# [What to do]
Figure out how many lines in the records below hold the string "transform". That number alone is the answer.

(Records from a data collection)
□ □ □ □ □
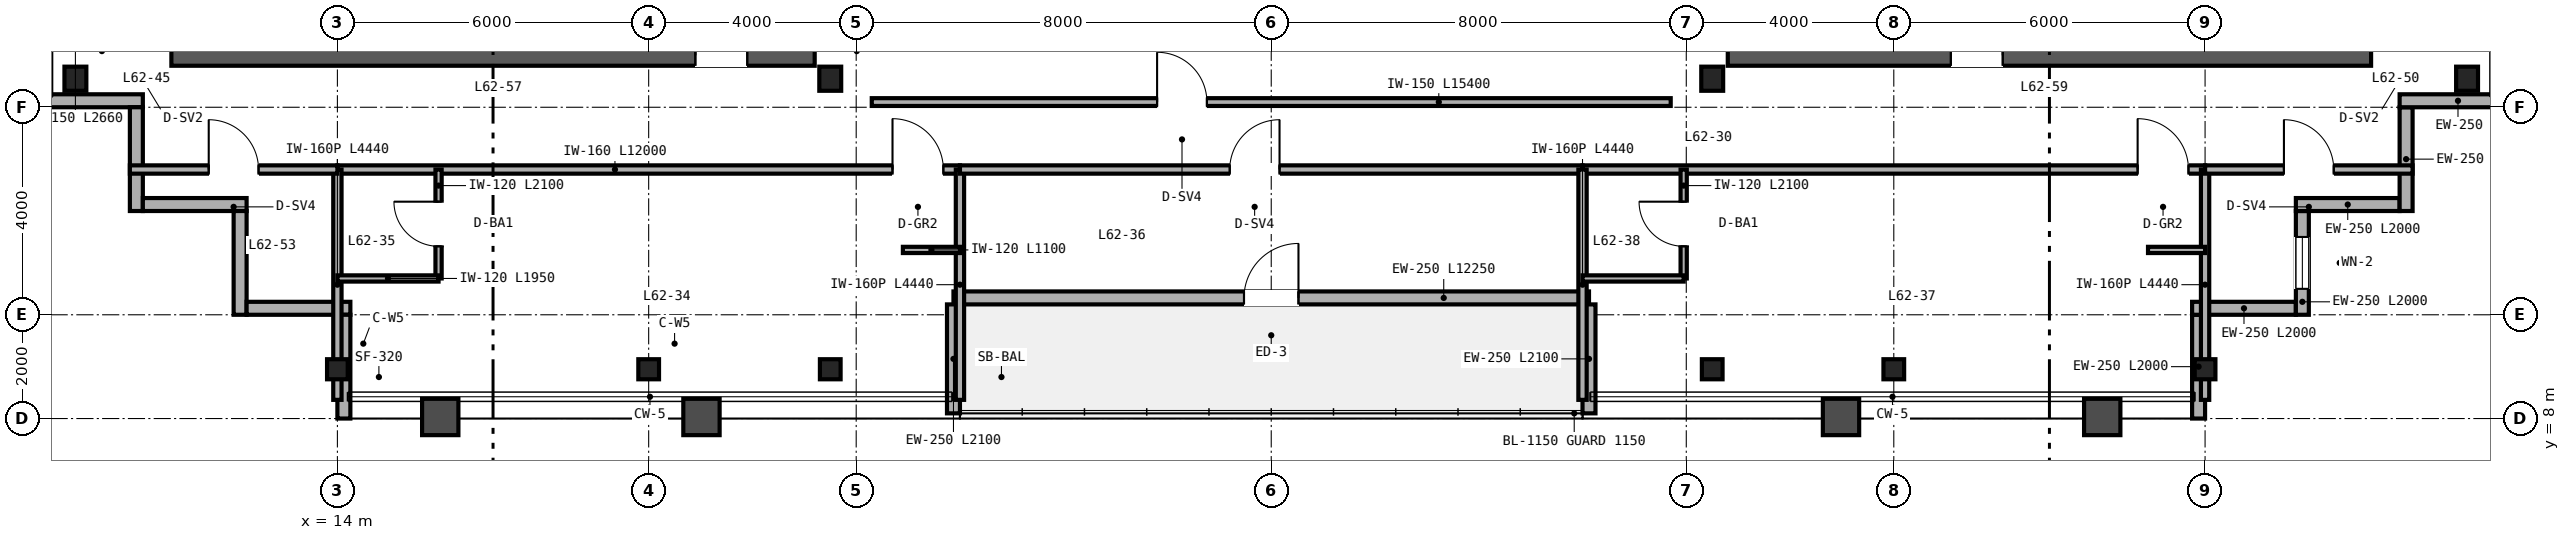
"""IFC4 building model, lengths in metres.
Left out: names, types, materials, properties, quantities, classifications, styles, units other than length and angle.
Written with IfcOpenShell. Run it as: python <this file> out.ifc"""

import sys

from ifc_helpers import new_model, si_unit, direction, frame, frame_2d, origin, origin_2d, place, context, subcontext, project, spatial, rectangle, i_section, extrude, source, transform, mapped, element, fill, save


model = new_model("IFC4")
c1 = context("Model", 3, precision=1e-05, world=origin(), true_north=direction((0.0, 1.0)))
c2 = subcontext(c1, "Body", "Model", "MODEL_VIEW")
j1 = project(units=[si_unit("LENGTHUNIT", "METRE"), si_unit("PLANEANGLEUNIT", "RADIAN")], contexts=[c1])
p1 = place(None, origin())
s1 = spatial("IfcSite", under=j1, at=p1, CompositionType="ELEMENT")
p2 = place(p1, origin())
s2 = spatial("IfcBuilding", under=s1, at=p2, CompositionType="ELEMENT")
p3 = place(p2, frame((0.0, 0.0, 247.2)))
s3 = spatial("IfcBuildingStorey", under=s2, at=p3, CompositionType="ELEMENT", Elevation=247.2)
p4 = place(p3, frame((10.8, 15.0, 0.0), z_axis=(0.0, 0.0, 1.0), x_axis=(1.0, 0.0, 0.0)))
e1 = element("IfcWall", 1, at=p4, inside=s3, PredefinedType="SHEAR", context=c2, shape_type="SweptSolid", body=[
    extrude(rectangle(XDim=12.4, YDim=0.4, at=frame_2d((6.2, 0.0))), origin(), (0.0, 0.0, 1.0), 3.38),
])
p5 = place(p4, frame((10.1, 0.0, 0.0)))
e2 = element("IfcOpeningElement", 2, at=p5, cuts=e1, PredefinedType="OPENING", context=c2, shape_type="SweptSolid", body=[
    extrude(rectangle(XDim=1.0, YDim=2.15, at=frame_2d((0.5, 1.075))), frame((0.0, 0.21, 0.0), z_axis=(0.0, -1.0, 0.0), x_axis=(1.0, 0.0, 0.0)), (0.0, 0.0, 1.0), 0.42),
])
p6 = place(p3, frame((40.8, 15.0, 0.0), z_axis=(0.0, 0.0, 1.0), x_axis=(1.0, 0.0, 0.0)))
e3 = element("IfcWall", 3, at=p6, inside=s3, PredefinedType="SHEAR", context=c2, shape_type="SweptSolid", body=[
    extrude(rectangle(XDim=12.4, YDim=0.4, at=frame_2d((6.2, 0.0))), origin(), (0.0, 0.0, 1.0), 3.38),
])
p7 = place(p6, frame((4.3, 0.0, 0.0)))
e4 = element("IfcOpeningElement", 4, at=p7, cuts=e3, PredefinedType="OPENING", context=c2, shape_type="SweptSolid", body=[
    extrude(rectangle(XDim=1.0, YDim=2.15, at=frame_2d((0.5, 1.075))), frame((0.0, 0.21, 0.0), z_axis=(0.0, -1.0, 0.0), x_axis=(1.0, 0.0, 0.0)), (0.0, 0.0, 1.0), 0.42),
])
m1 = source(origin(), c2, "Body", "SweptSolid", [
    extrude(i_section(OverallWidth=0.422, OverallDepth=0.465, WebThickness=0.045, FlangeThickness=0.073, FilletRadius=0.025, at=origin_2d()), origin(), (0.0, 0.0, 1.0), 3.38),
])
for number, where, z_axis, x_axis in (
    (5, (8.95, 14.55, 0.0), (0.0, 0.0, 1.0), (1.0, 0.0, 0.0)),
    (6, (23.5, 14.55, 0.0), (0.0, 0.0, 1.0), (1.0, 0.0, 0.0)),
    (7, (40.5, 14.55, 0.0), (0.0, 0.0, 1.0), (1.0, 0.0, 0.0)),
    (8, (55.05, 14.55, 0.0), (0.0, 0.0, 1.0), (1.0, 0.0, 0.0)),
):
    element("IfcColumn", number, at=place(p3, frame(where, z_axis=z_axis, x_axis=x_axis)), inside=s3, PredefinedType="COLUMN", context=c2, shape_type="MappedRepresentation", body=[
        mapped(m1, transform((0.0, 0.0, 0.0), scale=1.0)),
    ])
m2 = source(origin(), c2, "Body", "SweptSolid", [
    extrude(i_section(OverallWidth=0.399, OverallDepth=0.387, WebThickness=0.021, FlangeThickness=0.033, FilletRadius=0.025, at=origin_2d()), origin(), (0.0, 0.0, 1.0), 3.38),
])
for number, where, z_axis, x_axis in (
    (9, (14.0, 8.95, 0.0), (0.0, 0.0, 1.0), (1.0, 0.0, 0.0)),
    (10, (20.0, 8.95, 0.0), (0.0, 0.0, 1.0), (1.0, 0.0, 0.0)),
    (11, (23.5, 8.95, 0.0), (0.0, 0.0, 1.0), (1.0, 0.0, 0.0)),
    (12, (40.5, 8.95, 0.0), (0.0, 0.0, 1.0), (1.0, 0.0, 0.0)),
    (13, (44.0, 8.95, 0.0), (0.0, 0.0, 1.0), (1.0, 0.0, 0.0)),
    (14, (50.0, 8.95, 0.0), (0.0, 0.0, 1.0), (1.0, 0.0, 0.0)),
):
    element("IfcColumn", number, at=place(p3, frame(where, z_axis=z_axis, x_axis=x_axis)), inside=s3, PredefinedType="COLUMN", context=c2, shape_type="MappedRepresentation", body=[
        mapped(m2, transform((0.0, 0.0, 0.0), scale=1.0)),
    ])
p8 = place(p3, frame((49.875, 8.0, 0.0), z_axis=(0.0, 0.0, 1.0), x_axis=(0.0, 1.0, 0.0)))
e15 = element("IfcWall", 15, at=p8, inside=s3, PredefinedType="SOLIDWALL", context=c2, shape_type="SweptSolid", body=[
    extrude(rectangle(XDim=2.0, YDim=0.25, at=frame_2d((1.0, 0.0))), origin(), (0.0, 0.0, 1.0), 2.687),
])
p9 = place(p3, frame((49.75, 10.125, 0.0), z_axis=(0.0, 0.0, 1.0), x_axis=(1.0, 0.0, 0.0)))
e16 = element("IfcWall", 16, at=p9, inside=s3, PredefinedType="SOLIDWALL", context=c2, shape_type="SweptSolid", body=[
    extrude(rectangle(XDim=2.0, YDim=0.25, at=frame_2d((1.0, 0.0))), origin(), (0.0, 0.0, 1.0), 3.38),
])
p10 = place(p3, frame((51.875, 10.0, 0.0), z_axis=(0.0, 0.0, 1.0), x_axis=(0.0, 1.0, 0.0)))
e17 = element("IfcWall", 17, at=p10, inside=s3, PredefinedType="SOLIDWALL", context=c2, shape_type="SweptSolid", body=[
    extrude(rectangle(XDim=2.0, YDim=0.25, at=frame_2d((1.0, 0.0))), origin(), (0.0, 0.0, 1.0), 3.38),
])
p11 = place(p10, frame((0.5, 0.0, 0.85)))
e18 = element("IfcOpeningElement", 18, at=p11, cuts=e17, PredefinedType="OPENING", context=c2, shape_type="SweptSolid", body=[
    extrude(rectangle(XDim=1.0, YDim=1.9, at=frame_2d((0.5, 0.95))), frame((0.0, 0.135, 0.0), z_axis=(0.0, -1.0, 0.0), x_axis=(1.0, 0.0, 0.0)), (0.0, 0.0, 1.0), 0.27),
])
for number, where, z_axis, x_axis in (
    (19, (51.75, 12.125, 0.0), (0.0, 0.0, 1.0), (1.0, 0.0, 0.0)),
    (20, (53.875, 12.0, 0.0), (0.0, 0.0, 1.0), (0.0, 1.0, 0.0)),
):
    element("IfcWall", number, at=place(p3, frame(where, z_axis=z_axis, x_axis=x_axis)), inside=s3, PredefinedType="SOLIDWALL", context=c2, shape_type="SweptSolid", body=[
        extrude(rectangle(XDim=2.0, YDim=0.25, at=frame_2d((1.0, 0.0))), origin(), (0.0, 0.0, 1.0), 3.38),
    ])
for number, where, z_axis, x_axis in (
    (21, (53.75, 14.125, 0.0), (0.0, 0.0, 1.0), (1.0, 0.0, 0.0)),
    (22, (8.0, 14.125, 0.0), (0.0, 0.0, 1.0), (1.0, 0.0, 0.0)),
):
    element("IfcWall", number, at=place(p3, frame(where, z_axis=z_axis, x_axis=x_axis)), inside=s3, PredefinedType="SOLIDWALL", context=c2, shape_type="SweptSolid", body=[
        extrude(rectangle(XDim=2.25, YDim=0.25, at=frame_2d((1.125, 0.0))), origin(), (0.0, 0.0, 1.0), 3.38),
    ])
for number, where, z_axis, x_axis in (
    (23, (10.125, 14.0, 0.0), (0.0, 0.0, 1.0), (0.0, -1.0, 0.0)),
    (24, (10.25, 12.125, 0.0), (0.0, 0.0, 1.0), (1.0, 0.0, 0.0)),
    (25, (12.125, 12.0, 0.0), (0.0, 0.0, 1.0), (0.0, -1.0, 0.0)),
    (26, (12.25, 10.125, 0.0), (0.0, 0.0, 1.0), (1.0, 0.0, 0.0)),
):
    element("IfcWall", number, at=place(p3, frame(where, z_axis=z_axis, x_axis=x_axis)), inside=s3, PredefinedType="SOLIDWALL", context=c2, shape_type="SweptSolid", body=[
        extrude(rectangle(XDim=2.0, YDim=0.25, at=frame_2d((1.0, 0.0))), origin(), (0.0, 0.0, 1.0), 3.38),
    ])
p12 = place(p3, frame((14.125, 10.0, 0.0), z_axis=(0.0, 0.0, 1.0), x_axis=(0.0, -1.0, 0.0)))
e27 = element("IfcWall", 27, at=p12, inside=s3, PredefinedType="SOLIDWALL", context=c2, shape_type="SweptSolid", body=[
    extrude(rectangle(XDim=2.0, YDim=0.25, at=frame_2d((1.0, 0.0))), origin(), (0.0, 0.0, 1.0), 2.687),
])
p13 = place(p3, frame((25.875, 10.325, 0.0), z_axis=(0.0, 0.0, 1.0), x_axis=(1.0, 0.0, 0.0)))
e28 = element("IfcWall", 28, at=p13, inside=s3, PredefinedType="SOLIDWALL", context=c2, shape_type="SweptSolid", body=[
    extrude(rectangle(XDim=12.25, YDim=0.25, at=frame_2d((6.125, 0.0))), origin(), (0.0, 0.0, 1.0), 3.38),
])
□ □ □ □ □
# [Expected output]
3